PROBLEM TO SOLVE: Would you return the lines between the one holding "#166=CARTESIAN_POINT('',(0.,0.));" and the one holding "#183=LINE('',#180,#182);", inclusive, and only those, exactly as they stand in the listing below?
#### THE INPUT ####
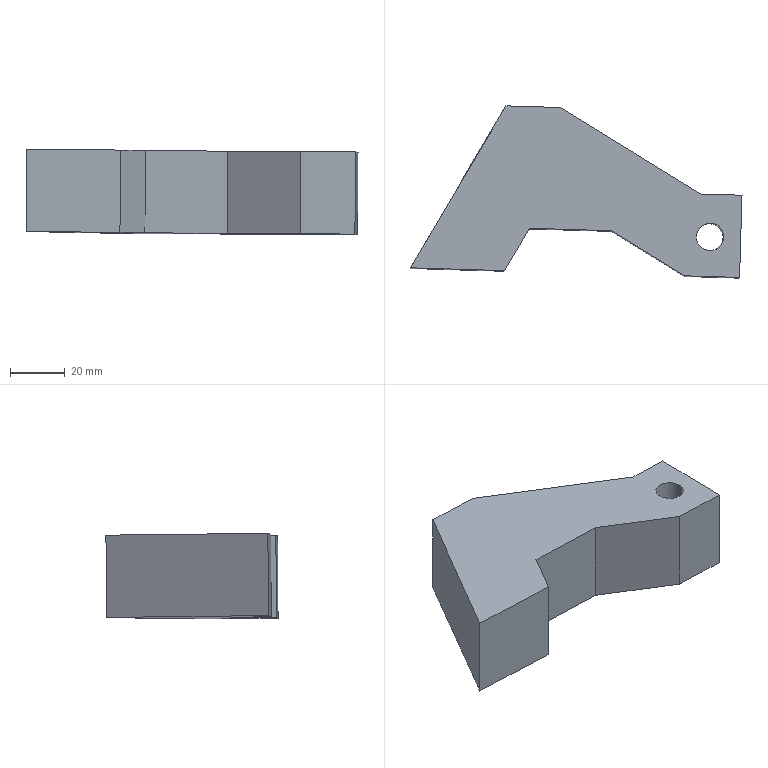Component | NX | M1002_AGO13_P09_757058_P01 | 1 solid | 13 faces | box 121.07 x 62.76 x 31.13 mm | volume 124638 mm3 | plane 12 | cylinder 1 | commonest cylinder face diameters 10 x1
STEP:
#1=CARTESIAN_POINT('',(0.,0.,0.));
#2=DIRECTION('',(0.,0.,1.));
#3=DIRECTION('',(1.,0.,0.));
#4=AXIS2_PLACEMENT_3D('',#1,#2,#3);
#5=CARTESIAN_POINT('',(-375.468,-402.725,117.7));
#6=VERTEX_POINT('',#5);
#7=CARTESIAN_POINT('',(-374.576,-372.739,117.492));
#8=VERTEX_POINT('',#7);
#9=CARTESIAN_POINT('',(-375.468,-402.725,117.7));
#10=DIRECTION('',(0.02973,0.9995,-0.006913));
#11=VECTOR('',#10,1.);
#12=LINE('',#9,#11);
#13=CARTESIAN_POINT('',(-375.23,-402.525,147.698));
#14=DIRECTION('',(-0.9995,0.02978,0.007726));
#15=DIRECTION('',(0.007929,0.00668,0.9999));
#16=AXIS2_PLACEMENT_3D('',#13,#14,#15);
#17=PLANE('',#16);
#18=CARTESIAN_POINT('',(-30.,-0.));
#19=DIRECTION('',(0.,1.));
#20=VECTOR('',#19,1.);
#21=LINE('',#18,#20);
#22=(GEOMETRIC_REPRESENTATION_CONTEXT(2)PARAMETRIC_REPRESENTATION_CONTEXT()REPRESENTATION_CONTEXT('',''));
#23=DEFINITIONAL_REPRESENTATION('',(#21),#22);
#24=PCURVE('',#17,#23);
#25=CARTESIAN_POINT('',(-386.232,-387.898,117.686));
#26=DIRECTION('',(0.007929,0.00668,0.9999));
#27=DIRECTION('',(0.9995,-0.02978,-0.007726));
#28=AXIS2_PLACEMENT_3D('',#25,#26,#27);
#29=PLANE('',#28);
#30=CARTESIAN_POINT('',(11.2,-14.5));
#31=DIRECTION('',(-0.,1.));
#32=VECTOR('',#31,1.);
#33=LINE('',#30,#32);
#34=(GEOMETRIC_REPRESENTATION_CONTEXT(2)PARAMETRIC_REPRESENTATION_CONTEXT()REPRESENTATION_CONTEXT('',''));
#35=DEFINITIONAL_REPRESENTATION('',(#33),#34);
#36=PCURVE('',#29,#35);
#37=SURFACE_CURVE('',#12,(#24,#36),.PCURVE_S1.);
#38=EDGE_CURVE('',#6,#8,#37,.T.);
#39=ORIENTED_EDGE('',*,*,#38,.T.);
#40=CARTESIAN_POINT('',(-374.338,-372.539,147.491));
#41=VERTEX_POINT('',#40);
#42=CARTESIAN_POINT('',(-374.338,-372.539,147.491));
#43=DIRECTION('',(-0.007929,-0.00668,-0.9999));
#44=VECTOR('',#43,1.);
#45=LINE('',#42,#44);
#46=CARTESIAN_POINT('',(-0.,30.));
#47=DIRECTION('',(-1.,0.));
#48=VECTOR('',#47,1.);
#49=LINE('',#46,#48);
#50=(GEOMETRIC_REPRESENTATION_CONTEXT(2)PARAMETRIC_REPRESENTATION_CONTEXT()REPRESENTATION_CONTEXT('',''));
#51=DEFINITIONAL_REPRESENTATION('',(#49),#50);
#52=PCURVE('',#17,#51);
#53=CARTESIAN_POINT('',(-374.338,-372.539,147.491));
#54=DIRECTION('',(-0.02973,-0.9995,0.006913));
#55=DIRECTION('',(0.9995,-0.02978,-0.007726));
#56=AXIS2_PLACEMENT_3D('',#53,#54,#55);
#57=PLANE('',#56);
#58=CARTESIAN_POINT('',(0.,0.));
#59=DIRECTION('',(-0.,-1.));
#60=VECTOR('',#59,1.);
#61=LINE('',#58,#60);
#62=(GEOMETRIC_REPRESENTATION_CONTEXT(2)PARAMETRIC_REPRESENTATION_CONTEXT()REPRESENTATION_CONTEXT('',''));
#63=DEFINITIONAL_REPRESENTATION('',(#61),#62);
#64=PCURVE('',#57,#63);
#65=SURFACE_CURVE('',#45,(#52,#64),.PCURVE_S1.);
#66=EDGE_CURVE('',#41,#8,#65,.T.);
#67=ORIENTED_EDGE('',*,*,#66,.F.);
#68=CARTESIAN_POINT('',(-375.23,-402.525,147.698));
#69=VERTEX_POINT('',#68);
#70=CARTESIAN_POINT('',(-375.23,-402.525,147.698));
#71=DIRECTION('',(0.02973,0.9995,-0.006913));
#72=VECTOR('',#71,1.);
#73=LINE('',#70,#72);
#74=CARTESIAN_POINT('',(0.,0.));
#75=DIRECTION('',(0.,1.));
#76=VECTOR('',#75,1.);
#77=LINE('',#74,#76);
#78=(GEOMETRIC_REPRESENTATION_CONTEXT(2)PARAMETRIC_REPRESENTATION_CONTEXT()REPRESENTATION_CONTEXT('',''));
#79=DEFINITIONAL_REPRESENTATION('',(#77),#78);
#80=PCURVE('',#17,#79);
#81=CARTESIAN_POINT('',(-385.994,-387.698,147.684));
#82=DIRECTION('',(0.007929,0.00668,0.9999));
#83=DIRECTION('',(0.9995,-0.02978,-0.007726));
#84=AXIS2_PLACEMENT_3D('',#81,#82,#83);
#85=PLANE('',#84);
#86=CARTESIAN_POINT('',(11.2,-14.5));
#87=DIRECTION('',(-0.,1.));
#88=VECTOR('',#87,1.);
#89=LINE('',#86,#88);
#90=(GEOMETRIC_REPRESENTATION_CONTEXT(2)PARAMETRIC_REPRESENTATION_CONTEXT()REPRESENTATION_CONTEXT('',''));
#91=DEFINITIONAL_REPRESENTATION('',(#89),#90);
#92=PCURVE('',#85,#91);
#93=SURFACE_CURVE('',#73,(#80,#92),.PCURVE_S1.);
#94=EDGE_CURVE('',#69,#41,#93,.T.);
#95=ORIENTED_EDGE('',*,*,#94,.F.);
#96=CARTESIAN_POINT('',(-375.23,-402.525,147.698));
#97=DIRECTION('',(-0.007929,-0.00668,-0.9999));
#98=VECTOR('',#97,1.);
#99=LINE('',#96,#98);
#100=CARTESIAN_POINT('',(0.,0.));
#101=DIRECTION('',(-1.,0.));
#102=VECTOR('',#101,1.);
#103=LINE('',#100,#102);
#104=(GEOMETRIC_REPRESENTATION_CONTEXT(2)PARAMETRIC_REPRESENTATION_CONTEXT()REPRESENTATION_CONTEXT('',''));
#105=DEFINITIONAL_REPRESENTATION('',(#103),#104);
#106=PCURVE('',#17,#105);
#107=CARTESIAN_POINT('',(-395.221,-401.929,147.853));
#108=DIRECTION('',(0.02973,0.9995,-0.006913));
#109=DIRECTION('',(-0.9995,0.02978,0.007726));
#110=AXIS2_PLACEMENT_3D('',#107,#108,#109);
#111=PLANE('',#110);
#112=CARTESIAN_POINT('',(-20.,-0.));
#113=DIRECTION('',(0.,-1.));
#114=VECTOR('',#113,1.);
#115=LINE('',#112,#114);
#116=(GEOMETRIC_REPRESENTATION_CONTEXT(2)PARAMETRIC_REPRESENTATION_CONTEXT()REPRESENTATION_CONTEXT('',''));
#117=DEFINITIONAL_REPRESENTATION('',(#115),#116);
#118=PCURVE('',#111,#117);
#119=SURFACE_CURVE('',#99,(#106,#118),.PCURVE_S1.);
#120=EDGE_CURVE('',#69,#6,#119,.T.);
#121=ORIENTED_EDGE('',*,*,#120,.T.);
#122=EDGE_LOOP('',(#39,#67,#95,#121));
#123=FACE_BOUND('',#122,.T.);
#124=ADVANCED_FACE('',(#123),#17,.F.);
#125=CARTESIAN_POINT('',(-389.569,-372.292,117.608));
#126=VERTEX_POINT('',#125);
#127=CARTESIAN_POINT('',(-374.576,-372.739,117.492));
#128=DIRECTION('',(-0.9995,0.02978,0.007726));
#129=VECTOR('',#128,1.);
#130=LINE('',#127,#129);
#131=CARTESIAN_POINT('',(-0.,-30.));
#132=DIRECTION('',(-1.,0.));
#133=VECTOR('',#132,1.);
#134=LINE('',#131,#133);
#135=(GEOMETRIC_REPRESENTATION_CONTEXT(2)PARAMETRIC_REPRESENTATION_CONTEXT()REPRESENTATION_CONTEXT('',''));
#136=DEFINITIONAL_REPRESENTATION('',(#134),#135);
#137=PCURVE('',#57,#136);
#138=CARTESIAN_POINT('',(11.2,15.5));
#139=DIRECTION('',(-1.,-0.));
#140=VECTOR('',#139,1.);
#141=LINE('',#138,#140);
#142=(GEOMETRIC_REPRESENTATION_CONTEXT(2)PARAMETRIC_REPRESENTATION_CONTEXT()REPRESENTATION_CONTEXT('',''));
#143=DEFINITIONAL_REPRESENTATION('',(#141),#142);
#144=PCURVE('',#29,#143);
#145=SURFACE_CURVE('',#130,(#137,#144),.PCURVE_S1.);
#146=EDGE_CURVE('',#8,#126,#145,.T.);
#147=ORIENTED_EDGE('',*,*,#146,.T.);
#148=CARTESIAN_POINT('',(-389.331,-372.092,147.607));
#149=VERTEX_POINT('',#148);
#150=CARTESIAN_POINT('',(-389.331,-372.092,147.607));
#151=DIRECTION('',(-0.007929,-0.00668,-0.9999));
#152=VECTOR('',#151,1.);
#153=LINE('',#150,#152);
#154=CARTESIAN_POINT('',(-15.,0.));
#155=DIRECTION('',(-0.,-1.));
#156=VECTOR('',#155,1.);
#157=LINE('',#154,#156);
#158=(GEOMETRIC_REPRESENTATION_CONTEXT(2)PARAMETRIC_REPRESENTATION_CONTEXT()REPRESENTATION_CONTEXT('',''));
#159=DEFINITIONAL_REPRESENTATION('',(#157),#158);
#160=PCURVE('',#57,#159);
#161=CARTESIAN_POINT('',(-389.331,-372.092,147.607));
#162=DIRECTION('',(-0.5252,-0.8509,0.009849));
#163=DIRECTION('',(0.8509,-0.5253,-0.003238));
#164=AXIS2_PLACEMENT_3D('',#161,#162,#163);
#165=PLANE('',#164);
#166=CARTESIAN_POINT('',(0.,0.));
#167=DIRECTION('',(0.,-1.));
#168=VECTOR('',#167,1.);
#169=LINE('',#166,#168);
#170=(GEOMETRIC_REPRESENTATION_CONTEXT(2)PARAMETRIC_REPRESENTATION_CONTEXT()REPRESENTATION_CONTEXT('',''));
#171=DEFINITIONAL_REPRESENTATION('',(#169),#170);
#172=PCURVE('',#165,#171);
#173=SURFACE_CURVE('',#153,(#160,#172),.PCURVE_S1.);
#174=EDGE_CURVE('',#149,#126,#173,.T.);
#175=ORIENTED_EDGE('',*,*,#174,.F.);
#176=CARTESIAN_POINT('',(-374.338,-372.539,147.491));
#177=DIRECTION('',(-0.9995,0.02978,0.007726));
#178=VECTOR('',#177,1.);
#179=LINE('',#176,#178);
#180=CARTESIAN_POINT('',(0.,0.));
#181=DIRECTION('',(-1.,0.));
#182=VECTOR('',#181,1.);
#183=LINE('',#180,#182);
#184=(GEOMETRIC_REPRESENTATION_CONTEXT(2)PARAMETRIC_REPRESENTATION_CONTEXT()REPRESENTATION_CONTEXT('',''));
#185=DEFINITIONAL_REPRESENTATION('',(#183),#184);
#186=PCURVE('',#57,#185);
#187=CARTESIAN_POINT('',(11.2,15.5));
#188=DIRECTION('',(-1.,-0.));
#189=VECTOR('',#188,1.);
#190=LINE('',#187,#189);
#191=(GEOMETRIC_REPRESENTATION_CONTEXT(2)PARAMETRIC_REPRESENTATION_CONTEXT()REPRESENTATION_CONTEXT('',''));
#192=DEFINITIONAL_REPRESENTATION('',(#190),#191);
#193=PCURVE('',#85,#192);
#194=SURFACE_CURVE('',#179,(#186,#193),.PCURVE_S1.);
#195=EDGE_CURVE('',#41,#149,#194,.T.);
#196=ORIENTED_EDGE('',*,*,#195,.F.);
#197=ORIENTED_EDGE('',*,*,#66,.T.);
#198=EDGE_LOOP('',(#147,#175,#196,#197));
#199=FACE_BOUND('',#198,.T.);
#200=ADVANCED_FACE('',(#199),#57,.F.);
#201=CARTESIAN_POINT('',(-440.653,-340.758,117.803));
#202=VERTEX_POINT('',#201);
#203=CARTESIAN_POINT('',(-389.569,-372.292,117.608));
#204=DIRECTION('',(-0.8509,0.5253,0.003238));
#205=VECTOR('',#204,1.);
#206=LINE('',#203,#205);
#207=CARTESIAN_POINT('',(0.,-30.));
#208=DIRECTION('',(-1.,-0.));
#209=VECTOR('',#208,1.);
#210=LINE('',#207,#209);
#211=(GEOMETRIC_REPRESENTATION_CONTEXT(2)PARAMETRIC_REPRESENTATION_CONTEXT()REPRESENTATION_CONTEXT('',''));
#212=DEFINITIONAL_REPRESENTATION('',(#210),#211);
#213=PCURVE('',#165,#212);
#214=CARTESIAN_POINT('',(-3.8,15.5));
#215=DIRECTION('',(-0.8662,0.4997));
#216=VECTOR('',#215,1.);
#217=LINE('',#214,#216);
#218=(GEOMETRIC_REPRESENTATION_CONTEXT(2)PARAMETRIC_REPRESENTATION_CONTEXT()REPRESENTATION_CONTEXT('',''));
#219=DEFINITIONAL_REPRESENTATION('',(#217),#218);
#220=PCURVE('',#29,#219);
#221=SURFACE_CURVE('',#206,(#213,#220),.PCURVE_S1.);
#222=EDGE_CURVE('',#126,#202,#221,.T.);
#223=ORIENTED_EDGE('',*,*,#222,.T.);
#224=CARTESIAN_POINT('',(-440.415,-340.557,147.801));
#225=VERTEX_POINT('',#224);
#226=CARTESIAN_POINT('',(-440.415,-340.557,147.801));
#227=DIRECTION('',(-0.007929,-0.00668,-0.9999));
#228=VECTOR('',#227,1.);
#229=LINE('',#226,#228);
#230=CARTESIAN_POINT('',(-60.033,-0.));
#231=DIRECTION('',(0.,-1.));
#232=VECTOR('',#231,1.);
#233=LINE('',#230,#232);
#234=(GEOMETRIC_REPRESENTATION_CONTEXT(2)PARAMETRIC_REPRESENTATION_CONTEXT()REPRESENTATION_CONTEXT('',''));
#235=DEFINITIONAL_REPRESENTATION('',(#233),#234);
#236=PCURVE('',#165,#235);
#237=CARTESIAN_POINT('',(-440.415,-340.557,147.801));
#238=DIRECTION('',(-0.02973,-0.9995,0.006913));
#239=DIRECTION('',(0.9995,-0.02978,-0.007726));
#240=AXIS2_PLACEMENT_3D('',#237,#238,#239);
#241=PLANE('',#240);
#242=CARTESIAN_POINT('',(0.,0.));
#243=DIRECTION('',(-0.,-1.));
#244=VECTOR('',#243,1.);
#245=LINE('',#242,#244);
#246=(GEOMETRIC_REPRESENTATION_CONTEXT(2)PARAMETRIC_REPRESENTATION_CONTEXT()REPRESENTATION_CONTEXT('',''));
#247=DEFINITIONAL_REPRESENTATION('',(#245),#246);
#248=PCURVE('',#241,#247);
#249=SURFACE_CURVE('',#229,(#236,#248),.PCURVE_S1.);
#250=EDGE_CURVE('',#225,#202,#249,.T.);
#251=ORIENTED_EDGE('',*,*,#250,.F.);
#252=CARTESIAN_POINT('',(-389.331,-372.092,147.607));
#253=DIRECTION('',(-0.8509,0.5253,0.003238));
#254=VECTOR('',#253,1.);
#255=LINE('',#252,#254);
#256=CARTESIAN_POINT('',(0.,0.));
#257=DIRECTION('',(-1.,-0.));
#258=VECTOR('',#257,1.);
#259=LINE('',#256,#258);
#260=(GEOMETRIC_REPRESENTATION_CONTEXT(2)PARAMETRIC_REPRESENTATION_CONTEXT()REPRESENTATION_CONTEXT('',''));
#261=DEFINITIONAL_REPRESENTATION('',(#259),#260);
#262=PCURVE('',#165,#261);
#263=CARTESIAN_POINT('',(-3.8,15.5));
#264=DIRECTION('',(-0.8662,0.4997));
#265=VECTOR('',#264,1.);
#266=LINE('',#263,#265);
#267=(GEOMETRIC_REPRESENTATION_CONTEXT(2)PARAMETRIC_REPRESENTATION_CONTEXT()REPRESENTATION_CONTEXT('',''));
#268=DEFINITIONAL_REPRESENTATION('',(#266),#267);
#269=PCURVE('',#85,#268);
#270=SURFACE_CURVE('',#255,(#262,#269),.PCURVE_S1.);
#271=EDGE_CURVE('',#149,#225,#270,.T.);
#272=ORIENTED_EDGE('',*,*,#271,.F.);
#273=ORIENTED_EDGE('',*,*,#174,.T.);
#274=EDGE_LOOP('',(#223,#251,#272,#273));
#275=FACE_BOUND('',#274,.T.);
#276=ADVANCED_FACE('',(#275),#165,.F.);
#277=CARTESIAN_POINT('',(-460.643,-340.162,117.957));
#278=VERTEX_POINT('',#277);
#279=CARTESIAN_POINT('',(-440.653,-340.758,117.803));
#280=DIRECTION('',(-0.9995,0.02978,0.007726));
#281=VECTOR('',#280,1.);
#282=LINE('',#279,#281);
#283=CARTESIAN_POINT('',(-0.,-30.));
#284=DIRECTION('',(-1.,0.));
#285=VECTOR('',#284,1.);
#286=LINE('',#283,#285);
#287=(GEOMETRIC_REPRESENTATION_CONTEXT(2)PARAMETRIC_REPRESENTATION_CONTEXT()REPRESENTATION_CONTEXT('',''));
#288=DEFINITIONAL_REPRESENTATION('',(#286),#287);
#289=PCURVE('',#241,#288);
#290=CARTESIAN_POINT('',(-55.8,45.5));
#291=DIRECTION('',(-1.,-0.));
#292=VECTOR('',#291,1.);
#293=LINE('',#290,#292);
#294=(GEOMETRIC_REPRESENTATION_CONTEXT(2)PARAMETRIC_REPRESENTATION_CONTEXT()REPRESENTATION_CONTEXT('',''));
#295=DEFINITIONAL_REPRESENTATION('',(#293),#294);
#296=PCURVE('',#29,#295);
#297=SURFACE_CURVE('',#282,(#289,#296),.PCURVE_S1.);
#298=EDGE_CURVE('',#202,#278,#297,.T.);
#299=ORIENTED_EDGE('',*,*,#298,.T.);
#300=CARTESIAN_POINT('',(-460.405,-339.962,147.956));
#301=VERTEX_POINT('',#300);
#302=CARTESIAN_POINT('',(-460.405,-339.962,147.956));
#303=DIRECTION('',(-0.007929,-0.00668,-0.9999));
#304=VECTOR('',#303,1.);
#305=LINE('',#302,#304);
#306=CARTESIAN_POINT('',(-20.,-0.));
#307=DIRECTION('',(-0.,-1.));
#308=VECTOR('',#307,1.);
#309=LINE('',#306,#308);
#310=(GEOMETRIC_REPRESENTATION_CONTEXT(2)PARAMETRIC_REPRESENTATION_CONTEXT()REPRESENTATION_CONTEXT('',''));
#311=DEFINITIONAL_REPRESENTATION('',(#309),#310);
#312=PCURVE('',#241,#311);
#313=CARTESIAN_POINT('',(-460.405,-339.962,147.956));
#314=DIRECTION('',(0.8617,-0.5074,-0.003443));
#315=DIRECTION('',(0.5073,0.8617,-0.00978));
#316=AXIS2_PLACEMENT_3D('',#313,#314,#315);
#317=PLANE('',#316);
#318=CARTESIAN_POINT('',(0.,0.));
#319=DIRECTION('',(0.,-1.));
#320=VECTOR('',#319,1.);
#321=LINE('',#318,#320);
#322=(GEOMETRIC_REPRESENTATION_CONTEXT(2)PARAMETRIC_REPRESENTATION_CONTEXT()REPRESENTATION_CONTEXT('',''));
#323=DEFINITIONAL_REPRESENTATION('',(#321),#322);
#324=PCURVE('',#317,#323);
#325=SURFACE_CURVE('',#305,(#312,#324),.PCURVE_S1.);
#326=EDGE_CURVE('',#301,#278,#325,.T.);
#327=ORIENTED_EDGE('',*,*,#326,.F.);
#328=CARTESIAN_POINT('',(-440.415,-340.557,147.801));
#329=DIRECTION('',(-0.9995,0.02978,0.007726));
#330=VECTOR('',#329,1.);
#331=LINE('',#328,#330);
#332=CARTESIAN_POINT('',(0.,0.));
#333=DIRECTION('',(-1.,0.));
#334=VECTOR('',#333,1.);
#335=LINE('',#332,#334);
#336=(GEOMETRIC_REPRESENTATION_CONTEXT(2)PARAMETRIC_REPRESENTATION_CONTEXT()REPRESENTATION_CONTEXT('',''));
#337=DEFINITIONAL_REPRESENTATION('',(#335),#336);
#338=PCURVE('',#241,#337);
#339=CARTESIAN_POINT('',(-55.8,45.5));
#340=DIRECTION('',(-1.,-0.));
#341=VECTOR('',#340,1.);
#342=LINE('',#339,#341);
#343=(GEOMETRIC_REPRESENTATION_CONTEXT(2)PARAMETRIC_REPRESENTATION_CONTEXT()REPRESENTATION_CONTEXT('',''));
#344=DEFINITIONAL_REPRESENTATION('',(#342),#343);
#345=PCURVE('',#85,#344);
#346=SURFACE_CURVE('',#331,(#338,#345),.PCURVE_S1.);
#347=EDGE_CURVE('',#225,#301,#346,.T.);
#348=ORIENTED_EDGE('',*,*,#347,.F.);
#349=ORIENTED_EDGE('',*,*,#250,.T.);
#350=EDGE_LOOP('',(#299,#327,#348,#349));
#351=FACE_BOUND('',#350,.T.);
#352=ADVANCED_FACE('',(#351),#241,.F.);
#353=CARTESIAN_POINT('',(-495.413,-399.217,118.627));
#354=VERTEX_POINT('',#353);
#355=CARTESIAN_POINT('',(-460.643,-340.162,117.957));
#356=DIRECTION('',(-0.5073,-0.8617,0.00978));
#357=VECTOR('',#356,1.);
#358=LINE('',#355,#357);
#359=CARTESIAN_POINT('',(0.,-30.));
#360=DIRECTION('',(-1.,-0.));
#361=VECTOR('',#360,1.);
#362=LINE('',#359,#361);
#363=(GEOMETRIC_REPRESENTATION_CONTEXT(2)PARAMETRIC_REPRESENTATION_CONTEXT()REPRESENTATION_CONTEXT('',''));
#364=DEFINITIONAL_REPRESENTATION('',(#362),#363);
#365=PCURVE('',#317,#364);
#366=CARTESIAN_POINT('',(-75.8,45.5));
#367=DIRECTION('',(-0.4815,-0.8764));
#368=VECTOR('',#367,1.);
#369=LINE('',#366,#368);
#370=(GEOMETRIC_REPRESENTATION_CONTEXT(2)PARAMETRIC_REPRESENTATION_CONTEXT()REPRESENTATION_CONTEXT('',''));
#371=DEFINITIONAL_REPRESENTATION('',(#369),#370);
#372=PCURVE('',#29,#371);
#373=SURFACE_CURVE('',#358,(#365,#372),.PCURVE_S1.);
#374=EDGE_CURVE('',#278,#354,#373,.T.);
#375=ORIENTED_EDGE('',*,*,#374,.T.);
#376=CARTESIAN_POINT('',(-495.175,-399.017,148.626));
#377=VERTEX_POINT('',#376);
#378=CARTESIAN_POINT('',(-495.175,-399.017,148.626));
#379=DIRECTION('',(-0.007929,-0.00668,-0.9999));
#380=VECTOR('',#379,1.);
#381=LINE('',#378,#380);
#382=CARTESIAN_POINT('',(-68.534,-0.));
#383=DIRECTION('',(0.,-1.));
#384=VECTOR('',#383,1.);
#385=LINE('',#382,#384);
#386=(GEOMETRIC_REPRESENTATION_CONTEXT(2)PARAMETRIC_REPRESENTATION_CONTEXT()REPRESENTATION_CONTEXT('',''));
#387=DEFINITIONAL_REPRESENTATION('',(#385),#386);
#388=PCURVE('',#317,#387);
#389=CARTESIAN_POINT('',(-495.175,-399.017,148.626));
#390=DIRECTION('',(0.02973,0.9995,-0.006913));
#391=DIRECTION('',(-0.9995,0.02978,0.007726));
#392=AXIS2_PLACEMENT_3D('',#389,#390,#391);
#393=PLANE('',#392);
####
TASK SOLUTION:
#166=CARTESIAN_POINT('',(0.,0.));
#167=DIRECTION('',(0.,-1.));
#168=VECTOR('',#167,1.);
#169=LINE('',#166,#168);
#170=(GEOMETRIC_REPRESENTATION_CONTEXT(2)PARAMETRIC_REPRESENTATION_CONTEXT()REPRESENTATION_CONTEXT('',''));
#171=DEFINITIONAL_REPRESENTATION('',(#169),#170);
#172=PCURVE('',#165,#171);
#173=SURFACE_CURVE('',#153,(#160,#172),.PCURVE_S1.);
#174=EDGE_CURVE('',#149,#126,#173,.T.);
#175=ORIENTED_EDGE('',*,*,#174,.F.);
#176=CARTESIAN_POINT('',(-374.338,-372.539,147.491));
#177=DIRECTION('',(-0.9995,0.02978,0.007726));
#178=VECTOR('',#177,1.);
#179=LINE('',#176,#178);
#180=CARTESIAN_POINT('',(0.,0.));
#181=DIRECTION('',(-1.,0.));
#182=VECTOR('',#181,1.);
#183=LINE('',#180,#182);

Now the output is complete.